= EXERCISE DESCRIPTION =
A line below contains "#60=DIRECTION('',(0.,1.,0.));", and a later one contains "#107=ORIENTED_EDGE('',*,*,#106,.F.);". Repeat both, with every line between them, exactly.

**** SOURCE MATERIAL

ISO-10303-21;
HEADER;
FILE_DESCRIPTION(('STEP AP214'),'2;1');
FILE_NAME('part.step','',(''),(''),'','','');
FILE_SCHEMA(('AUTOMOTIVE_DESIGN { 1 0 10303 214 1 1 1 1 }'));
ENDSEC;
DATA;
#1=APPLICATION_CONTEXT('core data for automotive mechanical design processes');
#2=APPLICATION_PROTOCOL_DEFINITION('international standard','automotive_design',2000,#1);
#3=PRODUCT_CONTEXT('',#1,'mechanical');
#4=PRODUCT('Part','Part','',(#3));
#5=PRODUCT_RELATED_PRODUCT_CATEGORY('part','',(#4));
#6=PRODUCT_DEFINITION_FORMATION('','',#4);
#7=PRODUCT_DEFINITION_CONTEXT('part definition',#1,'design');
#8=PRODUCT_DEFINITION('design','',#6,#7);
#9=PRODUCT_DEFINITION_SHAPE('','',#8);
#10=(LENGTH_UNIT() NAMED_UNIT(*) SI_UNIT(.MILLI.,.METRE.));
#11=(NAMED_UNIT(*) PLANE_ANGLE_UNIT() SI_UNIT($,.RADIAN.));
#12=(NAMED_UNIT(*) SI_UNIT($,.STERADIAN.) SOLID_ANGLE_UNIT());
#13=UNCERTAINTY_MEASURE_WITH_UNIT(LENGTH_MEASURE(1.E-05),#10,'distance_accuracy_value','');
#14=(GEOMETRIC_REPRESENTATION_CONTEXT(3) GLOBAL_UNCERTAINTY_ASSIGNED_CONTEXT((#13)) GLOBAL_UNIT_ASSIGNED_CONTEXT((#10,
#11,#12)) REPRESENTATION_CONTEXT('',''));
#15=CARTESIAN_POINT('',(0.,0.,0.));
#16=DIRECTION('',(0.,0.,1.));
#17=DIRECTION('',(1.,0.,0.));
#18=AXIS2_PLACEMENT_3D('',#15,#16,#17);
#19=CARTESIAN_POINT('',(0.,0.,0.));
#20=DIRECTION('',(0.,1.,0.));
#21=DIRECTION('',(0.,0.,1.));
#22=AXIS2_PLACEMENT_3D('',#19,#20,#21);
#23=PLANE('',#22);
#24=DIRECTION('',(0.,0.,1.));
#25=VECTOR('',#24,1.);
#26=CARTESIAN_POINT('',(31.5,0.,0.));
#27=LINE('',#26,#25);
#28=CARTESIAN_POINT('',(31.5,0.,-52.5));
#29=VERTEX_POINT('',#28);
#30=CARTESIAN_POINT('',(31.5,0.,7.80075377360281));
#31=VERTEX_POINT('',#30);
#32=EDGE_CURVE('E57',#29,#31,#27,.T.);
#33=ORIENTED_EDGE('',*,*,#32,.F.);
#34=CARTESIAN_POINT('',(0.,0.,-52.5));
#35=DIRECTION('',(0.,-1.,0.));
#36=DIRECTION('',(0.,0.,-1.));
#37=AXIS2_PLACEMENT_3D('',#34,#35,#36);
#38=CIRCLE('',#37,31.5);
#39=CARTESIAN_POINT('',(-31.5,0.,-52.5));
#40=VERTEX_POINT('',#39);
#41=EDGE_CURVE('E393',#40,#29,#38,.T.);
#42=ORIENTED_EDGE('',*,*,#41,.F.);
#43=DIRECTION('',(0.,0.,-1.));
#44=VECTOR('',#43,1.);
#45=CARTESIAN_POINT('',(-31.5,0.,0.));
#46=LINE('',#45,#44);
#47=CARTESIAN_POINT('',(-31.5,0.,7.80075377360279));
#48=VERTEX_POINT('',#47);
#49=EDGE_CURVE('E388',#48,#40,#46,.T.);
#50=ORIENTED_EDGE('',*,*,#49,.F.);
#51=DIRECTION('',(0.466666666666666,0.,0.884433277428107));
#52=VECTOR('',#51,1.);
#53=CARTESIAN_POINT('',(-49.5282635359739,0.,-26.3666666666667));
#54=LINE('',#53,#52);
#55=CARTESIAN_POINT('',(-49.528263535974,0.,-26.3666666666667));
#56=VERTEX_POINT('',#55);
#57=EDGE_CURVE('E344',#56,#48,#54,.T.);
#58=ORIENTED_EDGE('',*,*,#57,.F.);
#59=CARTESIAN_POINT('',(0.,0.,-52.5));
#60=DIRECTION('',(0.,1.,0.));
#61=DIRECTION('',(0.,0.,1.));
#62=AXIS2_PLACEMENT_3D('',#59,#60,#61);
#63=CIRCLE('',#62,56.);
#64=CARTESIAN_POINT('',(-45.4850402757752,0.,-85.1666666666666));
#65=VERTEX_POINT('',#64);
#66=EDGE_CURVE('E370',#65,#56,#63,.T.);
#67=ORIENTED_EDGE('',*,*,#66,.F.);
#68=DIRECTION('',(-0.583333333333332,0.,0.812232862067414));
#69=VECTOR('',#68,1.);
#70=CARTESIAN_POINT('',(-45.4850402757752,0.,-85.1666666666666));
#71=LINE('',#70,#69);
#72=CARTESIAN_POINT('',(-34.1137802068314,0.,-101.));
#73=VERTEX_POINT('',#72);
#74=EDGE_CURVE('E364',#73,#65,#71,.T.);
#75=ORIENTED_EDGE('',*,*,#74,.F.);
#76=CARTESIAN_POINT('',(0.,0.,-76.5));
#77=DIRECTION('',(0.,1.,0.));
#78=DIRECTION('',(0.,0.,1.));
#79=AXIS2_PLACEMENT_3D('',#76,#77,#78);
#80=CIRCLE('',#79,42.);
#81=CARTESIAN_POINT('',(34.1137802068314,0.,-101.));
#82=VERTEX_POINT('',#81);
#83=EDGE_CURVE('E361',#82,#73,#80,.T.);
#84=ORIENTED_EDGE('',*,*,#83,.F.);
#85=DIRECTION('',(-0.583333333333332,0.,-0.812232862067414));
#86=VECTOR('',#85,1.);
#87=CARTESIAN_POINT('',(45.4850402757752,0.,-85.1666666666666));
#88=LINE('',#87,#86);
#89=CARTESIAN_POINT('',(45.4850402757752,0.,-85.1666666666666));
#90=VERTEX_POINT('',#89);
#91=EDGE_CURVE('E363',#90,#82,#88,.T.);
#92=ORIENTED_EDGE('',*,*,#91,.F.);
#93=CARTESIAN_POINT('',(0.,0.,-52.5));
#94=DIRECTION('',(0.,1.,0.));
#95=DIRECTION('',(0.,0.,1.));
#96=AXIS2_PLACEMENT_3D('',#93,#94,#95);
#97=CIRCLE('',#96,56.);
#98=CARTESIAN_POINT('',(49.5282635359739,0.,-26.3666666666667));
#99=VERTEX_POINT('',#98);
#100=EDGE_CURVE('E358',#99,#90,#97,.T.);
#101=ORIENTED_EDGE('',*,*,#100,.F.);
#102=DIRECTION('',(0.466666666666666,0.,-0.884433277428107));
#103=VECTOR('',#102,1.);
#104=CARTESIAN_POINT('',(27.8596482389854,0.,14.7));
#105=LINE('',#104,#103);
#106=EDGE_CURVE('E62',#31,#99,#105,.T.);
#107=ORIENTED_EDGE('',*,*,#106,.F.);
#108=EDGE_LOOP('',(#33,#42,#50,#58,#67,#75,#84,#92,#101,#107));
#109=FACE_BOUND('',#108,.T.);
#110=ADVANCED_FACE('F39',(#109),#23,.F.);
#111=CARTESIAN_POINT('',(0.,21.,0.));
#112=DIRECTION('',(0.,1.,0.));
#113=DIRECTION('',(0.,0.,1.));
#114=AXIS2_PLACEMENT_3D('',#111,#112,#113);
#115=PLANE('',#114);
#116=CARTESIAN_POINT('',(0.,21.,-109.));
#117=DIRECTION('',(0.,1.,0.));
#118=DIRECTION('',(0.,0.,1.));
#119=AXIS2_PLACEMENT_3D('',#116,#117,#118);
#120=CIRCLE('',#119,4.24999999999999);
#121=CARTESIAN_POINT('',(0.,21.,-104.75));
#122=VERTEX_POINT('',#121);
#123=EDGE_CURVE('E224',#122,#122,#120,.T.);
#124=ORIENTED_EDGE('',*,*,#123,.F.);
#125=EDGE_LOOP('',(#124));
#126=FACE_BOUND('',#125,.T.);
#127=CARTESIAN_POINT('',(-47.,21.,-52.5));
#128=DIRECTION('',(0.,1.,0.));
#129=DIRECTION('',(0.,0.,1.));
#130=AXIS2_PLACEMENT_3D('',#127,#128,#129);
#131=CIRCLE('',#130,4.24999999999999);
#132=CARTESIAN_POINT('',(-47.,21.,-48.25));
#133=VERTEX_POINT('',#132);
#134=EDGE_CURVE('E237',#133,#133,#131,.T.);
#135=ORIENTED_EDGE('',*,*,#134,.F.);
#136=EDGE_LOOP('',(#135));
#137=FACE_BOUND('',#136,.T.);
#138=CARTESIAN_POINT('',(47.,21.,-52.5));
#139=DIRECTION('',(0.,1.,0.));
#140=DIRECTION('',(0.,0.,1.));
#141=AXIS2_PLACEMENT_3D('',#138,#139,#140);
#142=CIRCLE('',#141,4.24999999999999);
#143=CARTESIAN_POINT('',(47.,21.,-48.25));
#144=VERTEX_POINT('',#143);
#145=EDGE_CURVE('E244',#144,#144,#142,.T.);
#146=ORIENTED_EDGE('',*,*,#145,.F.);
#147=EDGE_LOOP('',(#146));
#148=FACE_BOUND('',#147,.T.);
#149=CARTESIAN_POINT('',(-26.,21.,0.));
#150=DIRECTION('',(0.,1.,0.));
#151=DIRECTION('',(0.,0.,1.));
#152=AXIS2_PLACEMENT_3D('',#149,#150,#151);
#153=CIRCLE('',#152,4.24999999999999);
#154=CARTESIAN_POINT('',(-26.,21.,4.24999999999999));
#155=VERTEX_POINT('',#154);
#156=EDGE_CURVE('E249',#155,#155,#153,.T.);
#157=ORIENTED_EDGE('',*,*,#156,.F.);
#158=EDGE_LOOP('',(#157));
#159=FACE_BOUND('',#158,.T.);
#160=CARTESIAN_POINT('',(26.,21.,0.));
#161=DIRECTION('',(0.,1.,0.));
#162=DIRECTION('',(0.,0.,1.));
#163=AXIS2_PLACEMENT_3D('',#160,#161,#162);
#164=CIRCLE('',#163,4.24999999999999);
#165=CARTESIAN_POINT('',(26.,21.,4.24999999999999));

********

= ANSWER BOX =
#60=DIRECTION('',(0.,1.,0.));
#61=DIRECTION('',(0.,0.,1.));
#62=AXIS2_PLACEMENT_3D('',#59,#60,#61);
#63=CIRCLE('',#62,56.);
#64=CARTESIAN_POINT('',(-45.4850402757752,0.,-85.1666666666666));
#65=VERTEX_POINT('',#64);
#66=EDGE_CURVE('E370',#65,#56,#63,.T.);
#67=ORIENTED_EDGE('',*,*,#66,.F.);
#68=DIRECTION('',(-0.583333333333332,0.,0.812232862067414));
#69=VECTOR('',#68,1.);
#70=CARTESIAN_POINT('',(-45.4850402757752,0.,-85.1666666666666));
#71=LINE('',#70,#69);
#72=CARTESIAN_POINT('',(-34.1137802068314,0.,-101.));
#73=VERTEX_POINT('',#72);
#74=EDGE_CURVE('E364',#73,#65,#71,.T.);
#75=ORIENTED_EDGE('',*,*,#74,.F.);
#76=CARTESIAN_POINT('',(0.,0.,-76.5));
#77=DIRECTION('',(0.,1.,0.));
#78=DIRECTION('',(0.,0.,1.));
#79=AXIS2_PLACEMENT_3D('',#76,#77,#78);
#80=CIRCLE('',#79,42.);
#81=CARTESIAN_POINT('',(34.1137802068314,0.,-101.));
#82=VERTEX_POINT('',#81);
#83=EDGE_CURVE('E361',#82,#73,#80,.T.);
#84=ORIENTED_EDGE('',*,*,#83,.F.);
#85=DIRECTION('',(-0.583333333333332,0.,-0.812232862067414));
#86=VECTOR('',#85,1.);
#87=CARTESIAN_POINT('',(45.4850402757752,0.,-85.1666666666666));
#88=LINE('',#87,#86);
#89=CARTESIAN_POINT('',(45.4850402757752,0.,-85.1666666666666));
#90=VERTEX_POINT('',#89);
#91=EDGE_CURVE('E363',#90,#82,#88,.T.);
#92=ORIENTED_EDGE('',*,*,#91,.F.);
#93=CARTESIAN_POINT('',(0.,0.,-52.5));
#94=DIRECTION('',(0.,1.,0.));
#95=DIRECTION('',(0.,0.,1.));
#96=AXIS2_PLACEMENT_3D('',#93,#94,#95);
#97=CIRCLE('',#96,56.);
#98=CARTESIAN_POINT('',(49.5282635359739,0.,-26.3666666666667));
#99=VERTEX_POINT('',#98);
#100=EDGE_CURVE('E358',#99,#90,#97,.T.);
#101=ORIENTED_EDGE('',*,*,#100,.F.);
#102=DIRECTION('',(0.466666666666666,0.,-0.884433277428107));
#103=VECTOR('',#102,1.);
#104=CARTESIAN_POINT('',(27.8596482389854,0.,14.7));
#105=LINE('',#104,#103);
#106=EDGE_CURVE('E62',#31,#99,#105,.T.);
#107=ORIENTED_EDGE('',*,*,#106,.F.);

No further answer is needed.